SUPPLIED INFORMATION.
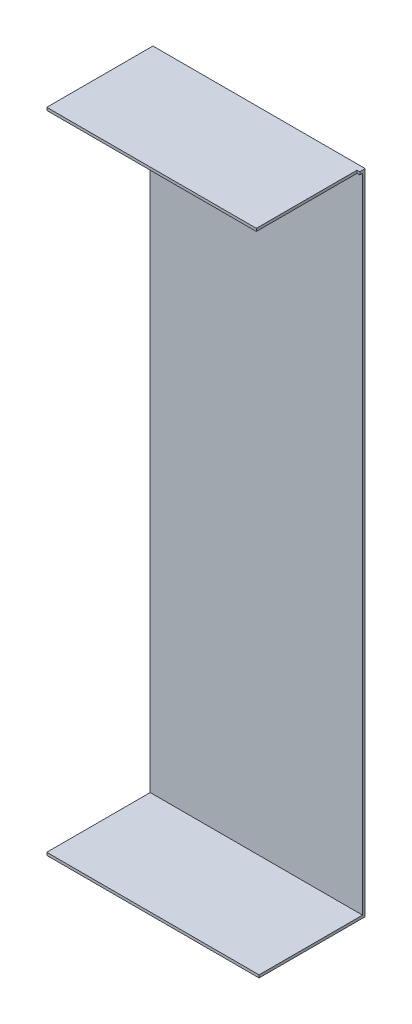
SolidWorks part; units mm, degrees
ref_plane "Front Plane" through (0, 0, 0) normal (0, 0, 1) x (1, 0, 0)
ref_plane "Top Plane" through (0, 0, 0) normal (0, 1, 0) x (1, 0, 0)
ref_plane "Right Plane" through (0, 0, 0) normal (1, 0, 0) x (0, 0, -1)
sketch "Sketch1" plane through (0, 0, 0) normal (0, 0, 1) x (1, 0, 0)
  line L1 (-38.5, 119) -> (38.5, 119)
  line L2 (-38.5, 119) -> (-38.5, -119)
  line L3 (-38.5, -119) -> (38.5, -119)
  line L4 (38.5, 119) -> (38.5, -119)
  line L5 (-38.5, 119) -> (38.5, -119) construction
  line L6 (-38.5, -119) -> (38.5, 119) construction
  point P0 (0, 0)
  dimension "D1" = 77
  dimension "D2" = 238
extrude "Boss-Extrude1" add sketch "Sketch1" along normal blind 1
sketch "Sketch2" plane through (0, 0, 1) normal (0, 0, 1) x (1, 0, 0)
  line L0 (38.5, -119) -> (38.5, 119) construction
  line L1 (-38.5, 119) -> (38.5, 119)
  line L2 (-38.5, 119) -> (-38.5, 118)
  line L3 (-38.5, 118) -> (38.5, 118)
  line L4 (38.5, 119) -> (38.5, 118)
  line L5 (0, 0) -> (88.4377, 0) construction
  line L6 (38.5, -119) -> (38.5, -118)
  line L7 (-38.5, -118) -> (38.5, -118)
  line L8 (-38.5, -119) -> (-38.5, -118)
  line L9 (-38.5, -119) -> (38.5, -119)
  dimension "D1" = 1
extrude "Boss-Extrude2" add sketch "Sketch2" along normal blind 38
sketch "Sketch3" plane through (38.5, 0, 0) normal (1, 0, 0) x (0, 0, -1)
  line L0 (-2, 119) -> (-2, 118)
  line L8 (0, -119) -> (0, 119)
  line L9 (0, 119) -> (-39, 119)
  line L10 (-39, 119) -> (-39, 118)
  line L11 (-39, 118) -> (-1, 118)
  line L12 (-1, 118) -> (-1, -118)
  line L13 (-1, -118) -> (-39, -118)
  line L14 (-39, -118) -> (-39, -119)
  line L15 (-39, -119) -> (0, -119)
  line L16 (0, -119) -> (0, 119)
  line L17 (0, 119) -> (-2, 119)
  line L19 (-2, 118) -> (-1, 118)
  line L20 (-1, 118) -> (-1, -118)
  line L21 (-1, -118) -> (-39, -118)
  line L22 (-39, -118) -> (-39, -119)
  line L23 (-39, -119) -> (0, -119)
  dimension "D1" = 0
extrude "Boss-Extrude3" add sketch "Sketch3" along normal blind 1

WHAT YOU SHOULD DO.
Every line of the listing that holds "through" should be found and copied.

TASK ANSWER.
ref_plane "Front Plane" through (0, 0, 0) normal (0, 0, 1) x (1, 0, 0)
ref_plane "Top Plane" through (0, 0, 0) normal (0, 1, 0) x (1, 0, 0)
ref_plane "Right Plane" through (0, 0, 0) normal (1, 0, 0) x (0, 0, -1)
sketch "Sketch1" plane through (0, 0, 0) normal (0, 0, 1) x (1, 0, 0)
sketch "Sketch2" plane through (0, 0, 1) normal (0, 0, 1) x (1, 0, 0)
sketch "Sketch3" plane through (38.5, 0, 0) normal (1, 0, 0) x (0, 0, -1)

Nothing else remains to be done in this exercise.